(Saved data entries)

☆ ☆ ☆ ☆

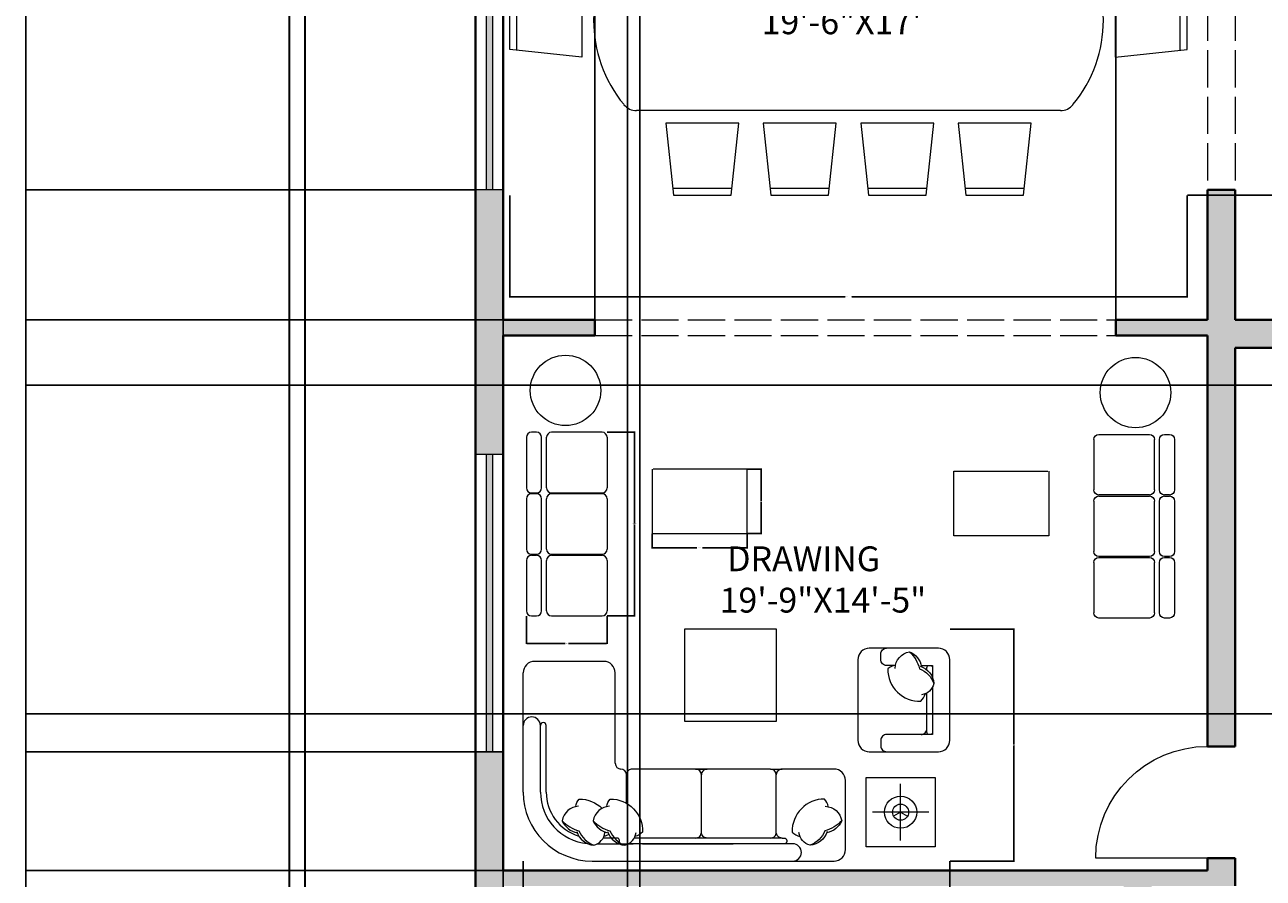
# Model space of a CAD drawing. Units: inches. Extents: x 2330 to 3943, y 1763 to 3461.
# Tile 10 of 40: x 2330 to 2730, y 2554 to 2829. Entities that reach past the tile are written whole.
import ezdxf

# ---------------------------------------------------------------- set-up
doc = ezdxf.new("R2010")
doc.units = ezdxf.units.IN
doc.linetypes.add('ACAD_ISO02W100', pattern=[15, 12, -3])
for name, color, linetype, lineweight in [('A-ANNO-DIMS', 2, 'Continuous', 18), ('A-AREA-IDEN', 7, 'Continuous', 18), ('A-DOOR', 4, 'Continuous', 18), ('A-FURN', 8, 'Continuous', 13), ('A-GLAZ', 4, 'Continuous', 18), ('A-WALL', 7, 'Continuous', 40), ('A-WALL-OVHD', 7, 'ACAD_ISO02W100', 18), ('A-WALL-PATT', 252, 'Continuous', 13), ('C-PROP', 7, 'Continuous', 30)]:
    doc.layers.add(name, color=color, linetype=linetype, lineweight=lineweight)
doc.styles.get("Standard").update_dxf_attribs({"font": 'arial.ttf'})
doc.dimstyles.get("Standard").update_dxf_attribs({"dimtxt": 0.18, "dimasz": 0.18, "dimexe": 0.18, "dimexo": 0.0625, "dimgap": 0.09, "dimtad": 0, "dimtih": 1, "dimtoh": 1, "dimdec": 4, "dimzin": 0, "dimdsep": 46, "dimtxsty": 'Standard', "dimcen": 0.09, "dimadec": 0, "dimazin": 0, "dimtfac": 1, "dimtdec": 4, "dimtofl": 0, "dimtmove": 0, "dimatfit": 3, "dimfxl": 1, "dimtolj": 1, "dimtzin": 0, "dimarcsym": 0})

# ---------------------------------------------------------------- blocks, each defined once
blk = doc.blocks.new('A$C714C64AF')
for p, q in [((3108, 2017, -5499), (1005, 2017, -5499)), ((908, 1917, -5499), (908, 1317, -5499)), ((1365, 1867, -5499), (2793, 1867, -5499)), ((3508, 1417, -5499), (3508, 839, -5499)), ((3558, 1417, -5499), (3558, 839, -5499)), ((3708, 1417, -5499), (3708, 839, -5499)), ((1008, 1217, -5499), (1458, 1217, -5499)), ((1558, 1217, -5499), (1458, 1217, -5499)), ((1558, 1217, -5499), (2760, 1217, -5499)), ((2209, 1217, -5499), (2109, 1217, -5499)), ((2908, 1167, -5499), (2908, 381, -5499)), ((3708, 839, -5499), (3708, 381, -5499)), ((3008, 281, -5499), (3608, 281, -5499))]:
    blk.add_line(p, q)
at = {"elevation": -5499}
for points in [[(128, 1892), (728, 1892), (728, 1292), (128, 1292)], [(2306, 800), (1506, 800), (1506, 0), (2306, 0)]]:
    blk.add_lwpolyline(points, close=True, dxfattribs=at)
for points in [[(428, 1837), (428, 1347)], [(1884, 1867), (2670, 1867)], [(1458, 1817), (2743, 1817)], [(2944, 1817), (3012, 1817)], [(428, 1592), (367, 1627)], [(428, 1592), (489, 1627)], [(183, 1592), (673, 1592)], [(428, 1592), (428, 1522)], [(2810, 1515), (2810, 1267)], [(248, 317), (150, 317), (150, 422)]]:
    blk.add_lwpolyline(points, dxfattribs=at)
for points in [[(940, 1667, -0.14773), (1086, 1753, -0.213343), (1215, 1879)], [(1066, 1760, -0.306663), (1215, 1879, -0.30633), (1312, 1770)], [(1456, 1817), (1438, 1817, -0.414214), (1418, 1837), (1418, 1847, -0.414214), (1438, 1867)], [(2670, 1867), (1884, 1867, 0.414214)], [(2974, 1760, 0.306663), (2825, 1879, 0.30633), (2727, 1770)], [(3068, 1867), (2753, 1867, 0.415492)], [(3100, 1667, 0.14773), (2954, 1753, 0.213343), (2825, 1879)], [(3013, 1867), (2891, 1867, 0.414214), (2871, 1847), (2871, 1837, 0.414214), (2891, 1817), (2963, 1817, 0.414214)], [(3243, 1760, 0.306663), (3094, 1879, 0.30633), (2997, 1770)], [(3369, 1667, 0.14773), (3223, 1753, 0.213343), (3094, 1879)], [(1083, 1541, -0.356772), (940, 1667, -0.249542), (1070, 1771)], [(1058, 1544, 0.165541), (1089, 1478, 0.425989), (1370, 1765, 0.121523), (1303, 1804)], [(1458, 1817, -0.414214), (1508, 1767)], [(1558, 1817, 0.414214), (1508, 1767), (1508, 1267, 0.432452)], [(1558, 1817, 0.414214), (1508, 1767)], [(2109, 1817, -0.414214), (2159, 1767)], [(2209, 1817, 0.414214), (2159, 1767), (2159, 1267, 0.432452)], [(2209, 1817, 0.414214), (2159, 1767)], [(2982, 1544, -0.165541), (2951, 1478, -0.425989), (2670, 1765, -0.121523), (2737, 1804)], [(2957, 1541, 0.356772), (3100, 1667, 0.249542), (2970, 1771)], [(2964, 1785, -0.071865), (3006, 1804)], [(3226, 1541, 0.356772), (3369, 1667, 0.249542), (3239, 1771)], [(3251, 1544, -0.165541), (3220, 1478, -0.200231), (3022, 1559)], [(150, 505), (150, 917), (550, 917, 0.414214), (600, 967), (600, 1017, 0.414214), (550, 1067)], [(150, 505), (150, 917), (550, 917, 0.414214), (600, 967), (600, 1017, 0.414214), (550, 1067)], [(150, 505), (150, 897, -0.414214), (170, 917), (180, 917, -0.414214), (200, 897), (200, 555, -0.729729)], [(250, 917, 0.414214), (200, 867)], [(257, 324, -0.306663), (138, 474, -0.30633), (246, 571)], [(473, 317, 0.165541), (539, 347, 0.425989), (252, 628, 0.121523), (213, 562)], [(350, 198, -0.14773), (264, 345, -0.213343), (138, 474)], [(150, 337), (150, 422, -0.414213)], [(200, 355), (200, 337, -0.414214), (180, 317), (170, 317, -0.414214), (150, 337)], [(476, 342, -0.356772), (350, 198, -0.249542), (246, 328)], [(473, 317), (550, 317, -0.414214), (600, 267), (600, 217, -0.414214), (550, 167)]]:
    blk.add_lwpolyline(points, format="xyb", dxfattribs=at)
blk.add_lwpolyline([(0, 267, 0.414214), (100, 167), (700, 167, 0.414214), (800, 267), (800, 967, 0.414214), (700, 1067), (100, 1067, 0.414214), (0, 967)], format="xyb", close=True, dxfattribs=at)
for radius in [140, 70]:
    blk.add_circle((428, 1592, -5499), radius)
for centre, radius, start, end in [((1008, 1917, -5499), 100, 90, 180), ((1365, 1942, -5499), 75, 90, 270), ((3108, 1417, -5499), 600, 0, 90), ((3108, 1417, -5499), 450, 0, 84.5853), ((3108, 1417, -5499), 400, 0, 72.9371), ((1008, 1317, -5499), 100, 180, 270), ((1458, 1267, -5499), 50, 270, 0), ((1458, 1267, -5499), 50, 270, 0), ((1558, 1267, -5499), 50, 180, 270), ((1558, 1267, -5499), 50, 180, 270), ((2109, 1267, -5499), 50, 270, 0), ((2109, 1267, -5499), 50, 270, 0), ((2209, 1267, -5499), 50, 180, 270), ((2209, 1267, -5499), 50, 180, 270), ((2760, 1267, -5499), 50, 270, 0), ((2760, 1267, -5499), 50, 270, 0), ((2860, 1267, -5499), 50, 180, 270), ((2860, 1267, -5499), 50, 180, 270), ((2858, 1167, -5499), 50, 0, 90), ((3533, 839, -5499), 25, 180, 0), ((3633, 839, -5499), 75, 180, 0), ((3008, 381, -5499), 100, 180, 270), ((3608, 381, -5499), 100, 270, 0)]:
    blk.add_arc(centre, radius, start, end)
blk = doc.blocks.new('A$C113D154D')
for p, q in [((0.96, 1.7118), (1.0076, 2.1547)), ((1.0076, 2.1547), (1.3624, 2.1547)), ((1.3624, 2.1547), (1.41, 1.7118)), ((1.56, 1.7118), (1.6076, 2.1547)), ((1.6076, 2.1547), (1.9624, 2.1547)), ((1.9624, 2.1547), (2.01, 1.7118)), ((2.16, 1.7118), (2.2076, 2.1547)), ((2.2076, 2.1547), (2.5624, 2.1547)), ((2.5624, 2.1547), (2.61, 1.7118)), ((2.76, 1.7118), (2.8076, 2.1547)), ((2.8076, 2.1547), (3.1624, 2.1547)), ((3.1624, 2.1547), (3.21, 1.7118)), ((1.003, 2.1119), (1.367, 2.1119)), ((1.603, 2.1119), (1.967, 2.1119)), ((2.203, 2.1119), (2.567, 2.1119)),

☆ ☆ ☆ ☆

Aim of the exercise: Only the lines from where the data begins to the line with "doc.linetypes.add('ACAD_ISO02W100', pattern=[15, 12, -3])", both of them included, should be reproduced word for word; no pictures.

Result of the exercise:
# Model space of a CAD drawing. Units: inches. Extents: x 2330 to 3943, y 1763 to 3461.
# Tile 10 of 40: x 2330 to 2730, y 2554 to 2829. Entities that reach past the tile are written whole.
import ezdxf

# ---------------------------------------------------------------- set-up
doc = ezdxf.new("R2010")
doc.units = ezdxf.units.IN
doc.linetypes.add('ACAD_ISO02W100', pattern=[15, 12, -3])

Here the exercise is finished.